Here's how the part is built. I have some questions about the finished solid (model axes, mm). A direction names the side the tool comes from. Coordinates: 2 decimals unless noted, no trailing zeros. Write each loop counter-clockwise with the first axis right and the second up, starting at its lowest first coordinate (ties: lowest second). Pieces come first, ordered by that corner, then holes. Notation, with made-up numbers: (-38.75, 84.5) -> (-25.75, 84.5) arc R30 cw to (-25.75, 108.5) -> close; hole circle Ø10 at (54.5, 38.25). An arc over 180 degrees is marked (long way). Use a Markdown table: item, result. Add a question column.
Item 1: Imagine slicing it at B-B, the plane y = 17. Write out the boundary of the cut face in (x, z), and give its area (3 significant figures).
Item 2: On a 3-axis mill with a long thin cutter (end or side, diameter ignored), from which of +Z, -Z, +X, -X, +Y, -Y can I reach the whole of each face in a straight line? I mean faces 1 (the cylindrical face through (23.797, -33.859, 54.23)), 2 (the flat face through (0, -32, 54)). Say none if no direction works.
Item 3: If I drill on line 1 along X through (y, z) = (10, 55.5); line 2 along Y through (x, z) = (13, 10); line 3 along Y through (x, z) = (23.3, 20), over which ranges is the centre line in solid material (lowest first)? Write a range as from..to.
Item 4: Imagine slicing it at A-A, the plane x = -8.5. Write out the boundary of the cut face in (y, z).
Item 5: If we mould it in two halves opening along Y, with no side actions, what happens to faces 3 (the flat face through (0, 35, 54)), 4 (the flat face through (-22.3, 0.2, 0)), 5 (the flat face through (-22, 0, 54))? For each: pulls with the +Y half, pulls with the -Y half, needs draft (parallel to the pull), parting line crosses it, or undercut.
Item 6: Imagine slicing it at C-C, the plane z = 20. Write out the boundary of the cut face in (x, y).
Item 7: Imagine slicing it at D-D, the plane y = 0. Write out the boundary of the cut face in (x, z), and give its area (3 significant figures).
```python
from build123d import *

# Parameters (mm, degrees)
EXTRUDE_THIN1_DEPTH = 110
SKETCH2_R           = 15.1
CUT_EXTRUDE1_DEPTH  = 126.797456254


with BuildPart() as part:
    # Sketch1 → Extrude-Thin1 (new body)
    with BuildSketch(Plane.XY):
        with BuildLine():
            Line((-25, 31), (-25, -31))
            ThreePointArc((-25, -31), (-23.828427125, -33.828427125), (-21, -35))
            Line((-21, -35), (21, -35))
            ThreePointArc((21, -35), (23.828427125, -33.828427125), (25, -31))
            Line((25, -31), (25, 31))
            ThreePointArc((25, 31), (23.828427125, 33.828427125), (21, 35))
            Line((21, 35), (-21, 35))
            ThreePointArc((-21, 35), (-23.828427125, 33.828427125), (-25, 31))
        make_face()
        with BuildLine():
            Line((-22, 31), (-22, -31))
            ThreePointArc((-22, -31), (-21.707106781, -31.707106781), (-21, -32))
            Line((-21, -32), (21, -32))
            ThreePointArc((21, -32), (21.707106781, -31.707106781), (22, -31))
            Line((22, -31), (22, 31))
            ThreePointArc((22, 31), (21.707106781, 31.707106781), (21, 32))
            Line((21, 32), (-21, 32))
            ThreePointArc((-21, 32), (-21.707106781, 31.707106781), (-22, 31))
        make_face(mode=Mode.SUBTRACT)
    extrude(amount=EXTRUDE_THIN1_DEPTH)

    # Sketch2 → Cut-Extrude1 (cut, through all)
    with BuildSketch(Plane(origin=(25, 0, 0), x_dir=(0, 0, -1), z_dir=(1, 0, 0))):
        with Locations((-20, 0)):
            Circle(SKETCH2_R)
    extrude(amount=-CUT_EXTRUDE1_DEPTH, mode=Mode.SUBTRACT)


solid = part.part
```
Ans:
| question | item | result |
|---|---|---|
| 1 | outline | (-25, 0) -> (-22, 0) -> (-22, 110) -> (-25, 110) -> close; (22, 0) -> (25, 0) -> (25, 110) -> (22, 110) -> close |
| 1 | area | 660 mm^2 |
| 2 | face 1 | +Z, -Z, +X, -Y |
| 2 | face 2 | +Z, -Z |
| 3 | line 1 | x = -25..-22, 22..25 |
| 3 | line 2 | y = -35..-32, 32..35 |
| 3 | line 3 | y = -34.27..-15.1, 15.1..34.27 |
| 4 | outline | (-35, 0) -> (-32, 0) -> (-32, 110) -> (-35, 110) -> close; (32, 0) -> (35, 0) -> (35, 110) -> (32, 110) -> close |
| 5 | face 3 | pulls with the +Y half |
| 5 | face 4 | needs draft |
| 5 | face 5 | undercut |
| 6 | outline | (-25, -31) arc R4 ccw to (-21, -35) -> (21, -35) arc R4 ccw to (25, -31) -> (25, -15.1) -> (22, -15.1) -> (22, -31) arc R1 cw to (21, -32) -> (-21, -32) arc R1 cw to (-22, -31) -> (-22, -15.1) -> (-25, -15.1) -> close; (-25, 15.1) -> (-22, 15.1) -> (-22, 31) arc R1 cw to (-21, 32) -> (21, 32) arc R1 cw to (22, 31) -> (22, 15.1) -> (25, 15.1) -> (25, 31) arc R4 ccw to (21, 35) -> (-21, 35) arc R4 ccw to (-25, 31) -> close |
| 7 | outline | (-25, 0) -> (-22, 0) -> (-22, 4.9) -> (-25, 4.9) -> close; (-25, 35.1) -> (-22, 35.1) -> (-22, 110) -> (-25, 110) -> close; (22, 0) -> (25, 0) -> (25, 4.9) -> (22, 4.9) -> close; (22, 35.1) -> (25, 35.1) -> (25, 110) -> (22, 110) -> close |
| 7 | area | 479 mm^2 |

────────────────────────────────────────

* **EXERCISE DIRECTIONS**: Copy each line holding "area" from the material above.

* **ANSWER SPACE**:
Item 1: Imagine slicing it at B-B, the plane y = 17. Write out the boundary of the cut face in (x, z), and give its area (3 significant figures).
Item 7: Imagine slicing it at D-D, the plane y = 0. Write out the boundary of the cut face in (x, z), and give its area (3 significant figures).
| 1 | area | 660 mm^2 |
| 7 | area | 479 mm^2 |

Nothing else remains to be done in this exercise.